Exercise requirements
Could you show each line of the records that contains the word "through"?

[Dataset records]
------------------------------------
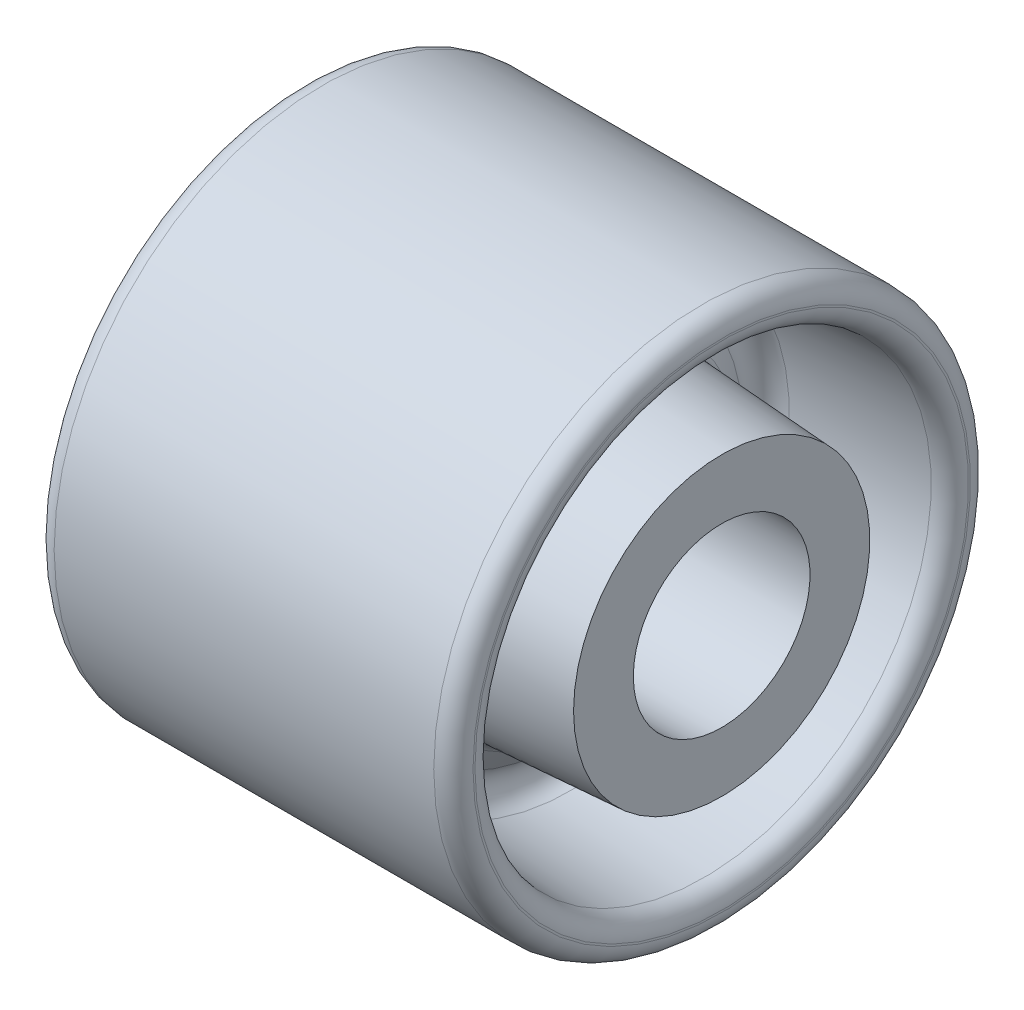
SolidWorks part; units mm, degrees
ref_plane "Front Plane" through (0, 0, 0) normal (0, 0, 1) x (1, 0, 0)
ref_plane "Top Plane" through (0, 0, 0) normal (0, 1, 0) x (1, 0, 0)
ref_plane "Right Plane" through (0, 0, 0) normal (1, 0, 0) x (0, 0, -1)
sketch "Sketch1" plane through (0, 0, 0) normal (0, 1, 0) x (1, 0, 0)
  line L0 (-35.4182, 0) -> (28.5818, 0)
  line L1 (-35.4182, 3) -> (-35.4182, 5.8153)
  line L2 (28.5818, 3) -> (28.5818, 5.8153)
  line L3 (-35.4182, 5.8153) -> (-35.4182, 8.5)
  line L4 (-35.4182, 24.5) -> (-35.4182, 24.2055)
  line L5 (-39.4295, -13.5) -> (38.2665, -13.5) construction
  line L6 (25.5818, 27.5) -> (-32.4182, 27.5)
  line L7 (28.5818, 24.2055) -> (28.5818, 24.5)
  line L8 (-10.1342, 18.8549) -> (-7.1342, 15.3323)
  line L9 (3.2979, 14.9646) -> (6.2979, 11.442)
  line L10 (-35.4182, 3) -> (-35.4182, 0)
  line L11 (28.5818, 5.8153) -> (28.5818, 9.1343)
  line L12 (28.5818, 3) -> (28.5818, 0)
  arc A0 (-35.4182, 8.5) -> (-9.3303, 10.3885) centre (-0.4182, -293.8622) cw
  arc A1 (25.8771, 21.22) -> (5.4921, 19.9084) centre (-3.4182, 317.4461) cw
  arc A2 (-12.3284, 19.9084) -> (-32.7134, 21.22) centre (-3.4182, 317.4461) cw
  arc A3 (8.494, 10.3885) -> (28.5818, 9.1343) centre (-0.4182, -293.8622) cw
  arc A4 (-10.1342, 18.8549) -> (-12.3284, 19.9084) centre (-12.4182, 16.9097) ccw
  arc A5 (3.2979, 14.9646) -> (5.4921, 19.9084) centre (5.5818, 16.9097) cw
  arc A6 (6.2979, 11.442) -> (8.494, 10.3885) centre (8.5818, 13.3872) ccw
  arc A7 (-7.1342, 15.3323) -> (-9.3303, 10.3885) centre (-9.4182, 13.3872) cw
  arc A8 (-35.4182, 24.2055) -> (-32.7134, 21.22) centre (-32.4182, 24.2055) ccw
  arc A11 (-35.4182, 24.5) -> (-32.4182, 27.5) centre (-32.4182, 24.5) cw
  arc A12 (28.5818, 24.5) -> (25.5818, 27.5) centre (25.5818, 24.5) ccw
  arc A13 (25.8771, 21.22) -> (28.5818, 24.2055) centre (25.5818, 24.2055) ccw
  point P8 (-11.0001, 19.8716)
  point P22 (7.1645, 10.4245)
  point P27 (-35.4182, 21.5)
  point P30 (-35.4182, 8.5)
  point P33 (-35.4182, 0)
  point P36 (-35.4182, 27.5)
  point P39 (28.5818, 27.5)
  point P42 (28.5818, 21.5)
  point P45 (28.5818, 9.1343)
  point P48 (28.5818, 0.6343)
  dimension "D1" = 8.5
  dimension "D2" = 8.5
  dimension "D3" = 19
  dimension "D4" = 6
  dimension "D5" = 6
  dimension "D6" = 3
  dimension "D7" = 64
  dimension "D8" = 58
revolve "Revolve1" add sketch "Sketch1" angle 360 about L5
------------------------------------
Answer section
ref_plane "Front Plane" through (0, 0, 0) normal (0, 0, 1) x (1, 0, 0)
ref_plane "Top Plane" through (0, 0, 0) normal (0, 1, 0) x (1, 0, 0)
ref_plane "Right Plane" through (0, 0, 0) normal (1, 0, 0) x (0, 0, -1)
sketch "Sketch1" plane through (0, 0, 0) normal (0, 1, 0) x (1, 0, 0)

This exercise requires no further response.